Records to use:
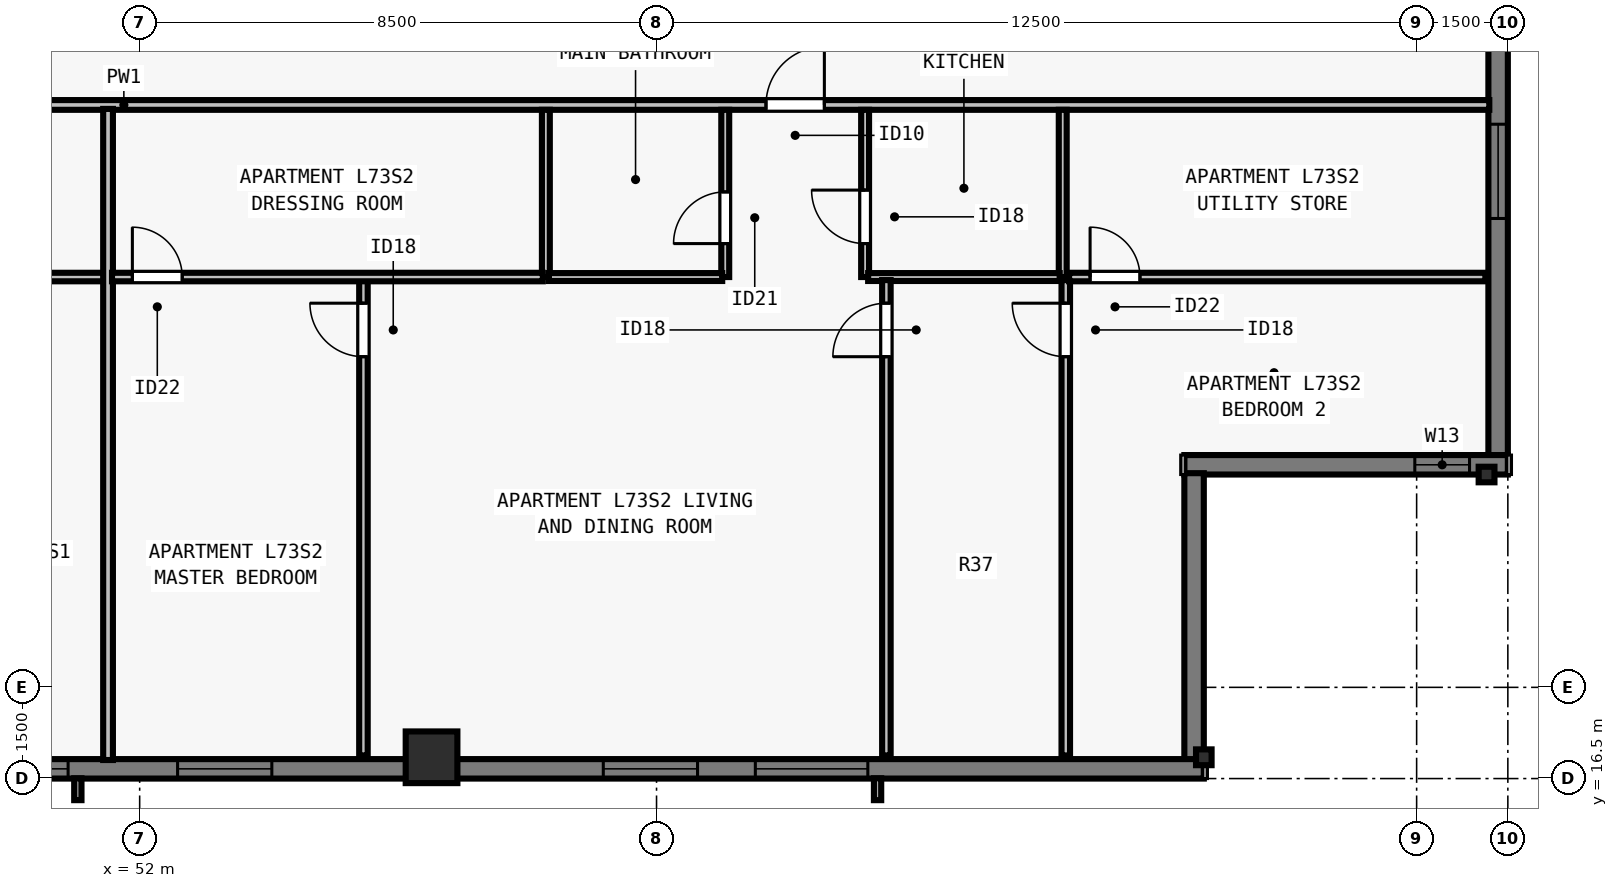
"""IFC4 building model, lengths in metres.
Left out: names, types, materials, properties, quantities, classifications, styles, units other than length and angle.
Written with IfcOpenShell. Run it as: python <this file> out.ifc"""

import sys

from ifc_helpers import new_model, si_unit, direction, frame, frame_2d, origin, origin_2d, place, context, subcontext, project, spatial, rectangle, i_section, extrude, element, fill, save


model = new_model("IFC4")
c1 = context("Model", 3, precision=1e-05, world=origin(), true_north=direction((0.0, 1.0)))
c2 = subcontext(c1, "Body", "Model", "MODEL_VIEW")
j1 = project(units=[si_unit("LENGTHUNIT", "METRE"), si_unit("PLANEANGLEUNIT", "RADIAN")], contexts=[c1])
p1 = place(None, origin())
s1 = spatial("IfcSite", under=j1, at=p1, CompositionType="ELEMENT")
p2 = place(p1, origin())
s2 = spatial("IfcBuilding", under=s1, at=p2, CompositionType="ELEMENT")
p3 = place(p2, frame((0.0, 0.0, 265.5)))
s3 = spatial("IfcBuildingStorey", under=s2, at=p3, CompositionType="ELEMENT", Elevation=265.5)
p4 = place(p3, frame((56.8, 16.85, 0.0), z_axis=(0.0, 0.0, 1.0), x_axis=(1.0, 0.0, 0.0)))
e1 = element("IfcColumn", 1, at=p4, inside=s3, PredefinedType="COLUMN", context=c2, shape_type="SweptSolid", body=[
    extrude(rectangle(XDim=0.85, YDim=0.85, at=origin_2d()), origin(), (0.0, 0.0, 1.0), 3.5),
])
for number, where, z_axis, x_axis in (
    (2, (69.5, 16.85, 0.0), (0.0, 0.0, 1.0), (1.0, 0.0, 0.0)),
    (3, (74.15, 21.5, 0.0), (0.0, 0.0, 1.0), (0.0, 1.0, 0.0)),
):
    element("IfcColumn", number, at=place(p3, frame(where, z_axis=z_axis, x_axis=x_axis)), inside=s3, PredefinedType="COLUMN", context=c2, shape_type="SweptSolid", body=[
        extrude(i_section(OverallWidth=0.256, OverallDepth=0.26, WebThickness=0.01, FlangeThickness=0.017, FilletRadius=0.013, at=origin_2d()), origin(), (0.0, 0.0, 1.0), 3.5),
    ])
p5 = place(p3, frame((74.34, 56.5, 0.0), z_axis=(0.0, 0.0, 1.0), x_axis=(0.0, -1.0, 0.0)))
e4 = element("IfcWall", 4, at=p5, inside=s3, PredefinedType="SOLIDWALL", context=c2, shape_type="SweptSolid", body=[
    extrude(rectangle(XDim=34.702, YDim=0.32, at=frame_2d((17.351, 0.0))), origin(), (0.0, 0.0, 1.0), 3.29),
])
p6 = place(p5, frame((6.888, 0.0, 0.8)))
e5 = element("IfcOpeningElement", 5, at=p6, cuts=e4, PredefinedType="OPENING", context=c2, shape_type="SweptSolid", body=[
    extrude(rectangle(XDim=1.55, YDim=1.678, at=frame_2d((0.775, 0.839))), frame((0.0, 0.17, 0.0), z_axis=(0.0, -1.0, 0.0), x_axis=(1.0, 0.0, 0.0)), (0.0, 0.0, 1.0), 0.34),
])
p7 = place(p5, frame((10.113, 0.0, 0.8)))
e6 = element("IfcOpeningElement", 6, at=p7, cuts=e4, PredefinedType="OPENING", context=c2, shape_type="SweptSolid", body=[
    extrude(rectangle(XDim=1.85, YDim=1.678, at=frame_2d((0.925, 0.839))), frame((0.0, 0.17, 0.0), z_axis=(0.0, -1.0, 0.0), x_axis=(1.0, 0.0, 0.0)), (0.0, 0.0, 1.0), 0.34),
])
p8 = place(p5, frame((14.038, 0.0, 0.8)))
e7 = element("IfcOpeningElement", 7, at=p8, cuts=e4, PredefinedType="OPENING", context=c2, shape_type="SweptSolid", body=[
    extrude(rectangle(XDim=1.55, YDim=1.678, at=frame_2d((0.775, 0.839))), frame((0.0, 0.17, 0.0), z_axis=(0.0, -1.0, 0.0), x_axis=(1.0, 0.0, 0.0)), (0.0, 0.0, 1.0), 0.34),
])
p9 = place(p5, frame((18.114, 0.0, 0.8)))
e8 = element("IfcOpeningElement", 8, at=p9, cuts=e4, PredefinedType="OPENING", context=c2, shape_type="SweptSolid", body=[
    extrude(rectangle(XDim=1.85, YDim=1.678, at=frame_2d((0.925, 0.839))), frame((0.0, 0.17, 0.0), z_axis=(0.0, -1.0, 0.0), x_axis=(1.0, 0.0, 0.0)), (0.0, 0.0, 1.0), 0.34),
])
p10 = place(p5, frame((23.614, 0.0, 0.8)))
e9 = element("IfcOpeningElement", 9, at=p10, cuts=e4, PredefinedType="OPENING", context=c2, shape_type="SweptSolid", body=[
    extrude(rectangle(XDim=1.85, YDim=1.678, at=frame_2d((0.925, 0.839))), frame((0.0, 0.17, 0.0), z_axis=(0.0, -1.0, 0.0), x_axis=(1.0, 0.0, 0.0)), (0.0, 0.0, 1.0), 0.34),
])
p11 = place(p5, frame((29.24, 0.0, 0.8)))
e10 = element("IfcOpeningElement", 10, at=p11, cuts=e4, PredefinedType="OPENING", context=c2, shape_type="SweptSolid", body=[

Goal of the exercise: Set down, exactly and without anything extra, every line from the one that contains "p10 = place(p5, frame((23.614, 0.0, 0.8)))" through the final line of the material.

Task output:
p10 = place(p5, frame((23.614, 0.0, 0.8)))
e9 = element("IfcOpeningElement", 9, at=p10, cuts=e4, PredefinedType="OPENING", context=c2, shape_type="SweptSolid", body=[
    extrude(rectangle(XDim=1.85, YDim=1.678, at=frame_2d((0.925, 0.839))), frame((0.0, 0.17, 0.0), z_axis=(0.0, -1.0, 0.0), x_axis=(1.0, 0.0, 0.0)), (0.0, 0.0, 1.0), 0.34),
])
p11 = place(p5, frame((29.24, 0.0, 0.8)))
e10 = element("IfcOpeningElement", 10, at=p11, cuts=e4, PredefinedType="OPENING", context=c2, shape_type="SweptSolid", body=[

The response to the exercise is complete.